__Assignment__: Please show every line in the entries below that includes the word "units".

::::::

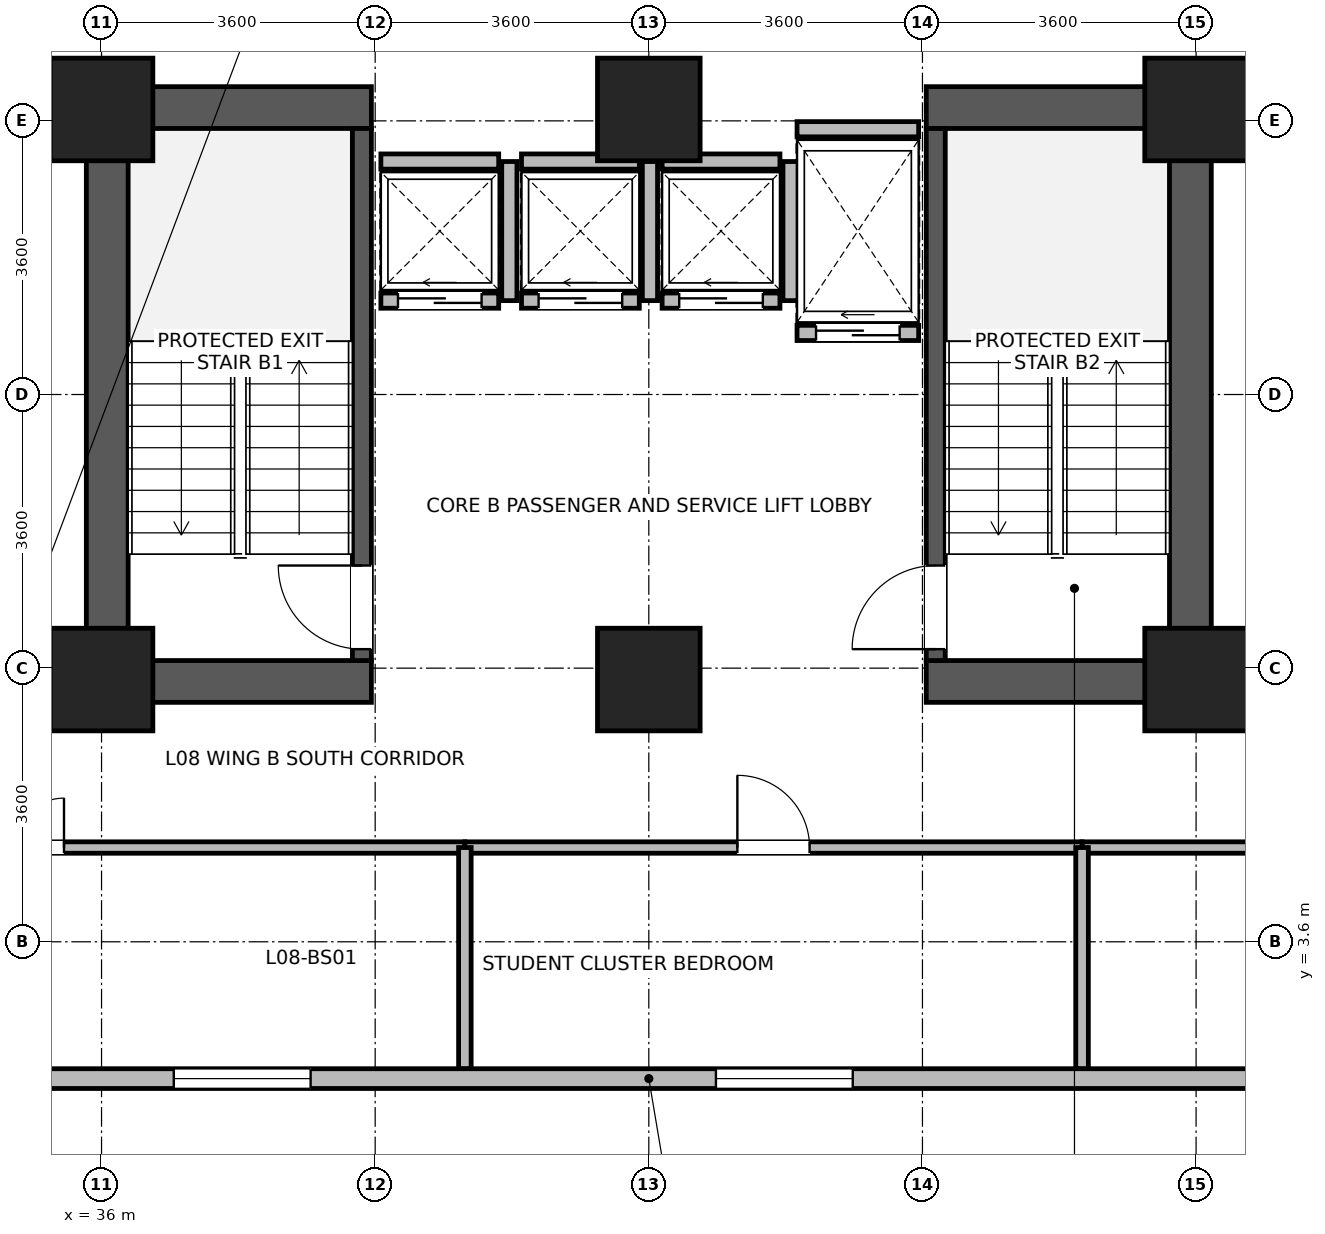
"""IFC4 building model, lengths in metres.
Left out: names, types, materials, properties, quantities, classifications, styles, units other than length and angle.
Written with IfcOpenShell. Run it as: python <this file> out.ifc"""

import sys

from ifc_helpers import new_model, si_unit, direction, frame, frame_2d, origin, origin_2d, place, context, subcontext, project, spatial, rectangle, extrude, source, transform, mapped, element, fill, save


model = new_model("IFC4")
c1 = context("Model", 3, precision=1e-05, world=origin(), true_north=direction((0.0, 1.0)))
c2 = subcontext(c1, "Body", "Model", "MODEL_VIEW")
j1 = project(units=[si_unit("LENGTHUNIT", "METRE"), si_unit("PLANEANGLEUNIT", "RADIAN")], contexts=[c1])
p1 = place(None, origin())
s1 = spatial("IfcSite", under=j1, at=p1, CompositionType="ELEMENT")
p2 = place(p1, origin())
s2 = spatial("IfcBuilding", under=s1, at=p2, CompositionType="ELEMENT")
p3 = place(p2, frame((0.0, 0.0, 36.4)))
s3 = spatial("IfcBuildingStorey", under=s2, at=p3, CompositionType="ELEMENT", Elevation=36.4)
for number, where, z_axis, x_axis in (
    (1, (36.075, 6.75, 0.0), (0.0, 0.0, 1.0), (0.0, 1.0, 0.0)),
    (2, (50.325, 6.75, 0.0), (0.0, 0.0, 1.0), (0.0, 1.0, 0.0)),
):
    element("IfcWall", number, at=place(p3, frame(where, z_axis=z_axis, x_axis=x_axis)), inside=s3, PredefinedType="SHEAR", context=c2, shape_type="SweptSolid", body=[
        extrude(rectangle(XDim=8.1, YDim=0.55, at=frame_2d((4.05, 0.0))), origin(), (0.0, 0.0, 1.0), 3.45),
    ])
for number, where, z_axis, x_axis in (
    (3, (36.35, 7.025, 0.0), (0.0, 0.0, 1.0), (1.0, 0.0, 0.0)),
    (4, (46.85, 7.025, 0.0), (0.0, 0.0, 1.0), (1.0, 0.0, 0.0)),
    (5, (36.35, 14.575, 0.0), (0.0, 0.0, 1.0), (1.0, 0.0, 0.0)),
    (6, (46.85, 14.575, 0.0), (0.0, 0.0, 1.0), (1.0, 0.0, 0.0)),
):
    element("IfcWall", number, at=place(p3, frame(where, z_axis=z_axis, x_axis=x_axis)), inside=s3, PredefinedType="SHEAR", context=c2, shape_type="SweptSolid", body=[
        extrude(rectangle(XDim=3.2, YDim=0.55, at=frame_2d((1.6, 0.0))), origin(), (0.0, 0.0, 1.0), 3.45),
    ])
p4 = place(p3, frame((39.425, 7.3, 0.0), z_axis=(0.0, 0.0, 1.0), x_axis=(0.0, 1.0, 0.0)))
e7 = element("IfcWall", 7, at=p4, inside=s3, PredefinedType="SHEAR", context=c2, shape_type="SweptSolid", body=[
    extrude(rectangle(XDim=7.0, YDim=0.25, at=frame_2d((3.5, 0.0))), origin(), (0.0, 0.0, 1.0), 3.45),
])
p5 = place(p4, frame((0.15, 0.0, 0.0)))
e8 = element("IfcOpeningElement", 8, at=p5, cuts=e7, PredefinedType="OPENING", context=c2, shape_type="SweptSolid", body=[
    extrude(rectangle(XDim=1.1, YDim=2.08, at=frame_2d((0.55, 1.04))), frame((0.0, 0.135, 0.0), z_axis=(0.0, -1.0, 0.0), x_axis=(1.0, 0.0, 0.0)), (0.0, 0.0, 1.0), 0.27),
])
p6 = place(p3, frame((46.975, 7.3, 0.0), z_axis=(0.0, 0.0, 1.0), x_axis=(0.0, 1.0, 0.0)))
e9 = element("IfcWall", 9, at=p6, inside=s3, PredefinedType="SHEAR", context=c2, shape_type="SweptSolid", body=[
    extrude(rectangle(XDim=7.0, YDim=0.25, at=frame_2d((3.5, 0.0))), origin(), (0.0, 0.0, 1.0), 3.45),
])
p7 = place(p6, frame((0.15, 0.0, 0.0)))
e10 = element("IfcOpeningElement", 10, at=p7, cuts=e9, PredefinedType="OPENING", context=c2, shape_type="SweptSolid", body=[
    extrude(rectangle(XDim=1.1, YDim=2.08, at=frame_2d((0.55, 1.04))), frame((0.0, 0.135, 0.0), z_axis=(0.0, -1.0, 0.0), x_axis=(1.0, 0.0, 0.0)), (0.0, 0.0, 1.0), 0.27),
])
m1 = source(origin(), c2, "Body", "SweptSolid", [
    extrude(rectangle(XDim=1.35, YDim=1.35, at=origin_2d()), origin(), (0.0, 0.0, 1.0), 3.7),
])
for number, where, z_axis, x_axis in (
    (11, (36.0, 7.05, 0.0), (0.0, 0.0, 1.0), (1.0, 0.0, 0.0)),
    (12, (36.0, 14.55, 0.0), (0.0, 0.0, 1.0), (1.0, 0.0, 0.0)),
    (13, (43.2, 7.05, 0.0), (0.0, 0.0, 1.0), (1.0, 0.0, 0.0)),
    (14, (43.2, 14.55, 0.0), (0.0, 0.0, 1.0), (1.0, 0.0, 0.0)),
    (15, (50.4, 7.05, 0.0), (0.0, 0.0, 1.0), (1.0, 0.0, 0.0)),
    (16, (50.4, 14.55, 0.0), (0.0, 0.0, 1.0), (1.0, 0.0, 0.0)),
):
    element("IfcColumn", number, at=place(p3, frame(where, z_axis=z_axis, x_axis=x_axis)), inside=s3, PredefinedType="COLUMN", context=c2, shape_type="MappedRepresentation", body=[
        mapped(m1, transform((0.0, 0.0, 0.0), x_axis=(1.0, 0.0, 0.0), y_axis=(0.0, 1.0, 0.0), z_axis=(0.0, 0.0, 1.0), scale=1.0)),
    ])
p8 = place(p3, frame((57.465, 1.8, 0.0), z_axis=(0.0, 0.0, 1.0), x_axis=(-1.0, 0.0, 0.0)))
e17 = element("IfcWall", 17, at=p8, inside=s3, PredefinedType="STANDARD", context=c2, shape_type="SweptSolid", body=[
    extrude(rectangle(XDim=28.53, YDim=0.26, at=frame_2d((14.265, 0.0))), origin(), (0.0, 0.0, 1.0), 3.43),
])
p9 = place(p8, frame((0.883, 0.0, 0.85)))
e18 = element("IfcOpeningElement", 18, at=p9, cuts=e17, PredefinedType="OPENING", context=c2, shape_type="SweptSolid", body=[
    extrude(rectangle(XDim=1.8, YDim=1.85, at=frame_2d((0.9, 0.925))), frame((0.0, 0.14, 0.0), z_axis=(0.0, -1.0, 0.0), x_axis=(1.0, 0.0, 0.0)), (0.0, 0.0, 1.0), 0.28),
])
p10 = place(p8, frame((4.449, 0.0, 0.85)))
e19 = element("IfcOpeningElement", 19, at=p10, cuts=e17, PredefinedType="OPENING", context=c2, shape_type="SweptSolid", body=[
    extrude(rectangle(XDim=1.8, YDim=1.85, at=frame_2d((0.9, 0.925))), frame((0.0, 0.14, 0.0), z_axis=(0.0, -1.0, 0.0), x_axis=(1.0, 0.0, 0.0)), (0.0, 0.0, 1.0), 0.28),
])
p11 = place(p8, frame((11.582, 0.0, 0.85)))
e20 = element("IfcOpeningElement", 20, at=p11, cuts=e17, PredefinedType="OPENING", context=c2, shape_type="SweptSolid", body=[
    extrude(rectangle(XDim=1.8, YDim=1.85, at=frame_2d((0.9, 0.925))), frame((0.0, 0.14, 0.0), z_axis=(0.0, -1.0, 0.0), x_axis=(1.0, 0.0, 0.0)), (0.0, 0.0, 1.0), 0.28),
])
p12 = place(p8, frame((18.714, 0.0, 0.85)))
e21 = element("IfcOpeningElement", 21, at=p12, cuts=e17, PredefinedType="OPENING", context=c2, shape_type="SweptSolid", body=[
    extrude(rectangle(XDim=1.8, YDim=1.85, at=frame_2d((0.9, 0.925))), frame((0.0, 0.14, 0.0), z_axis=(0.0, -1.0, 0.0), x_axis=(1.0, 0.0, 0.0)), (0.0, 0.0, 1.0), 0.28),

::::::

__Task solution__:
Left out: names, types, materials, properties, quantities, classifications, styles, units other than length and angle.
j1 = project(units=[si_unit("LENGTHUNIT", "METRE"), si_unit("PLANEANGLEUNIT", "RADIAN")], contexts=[c1])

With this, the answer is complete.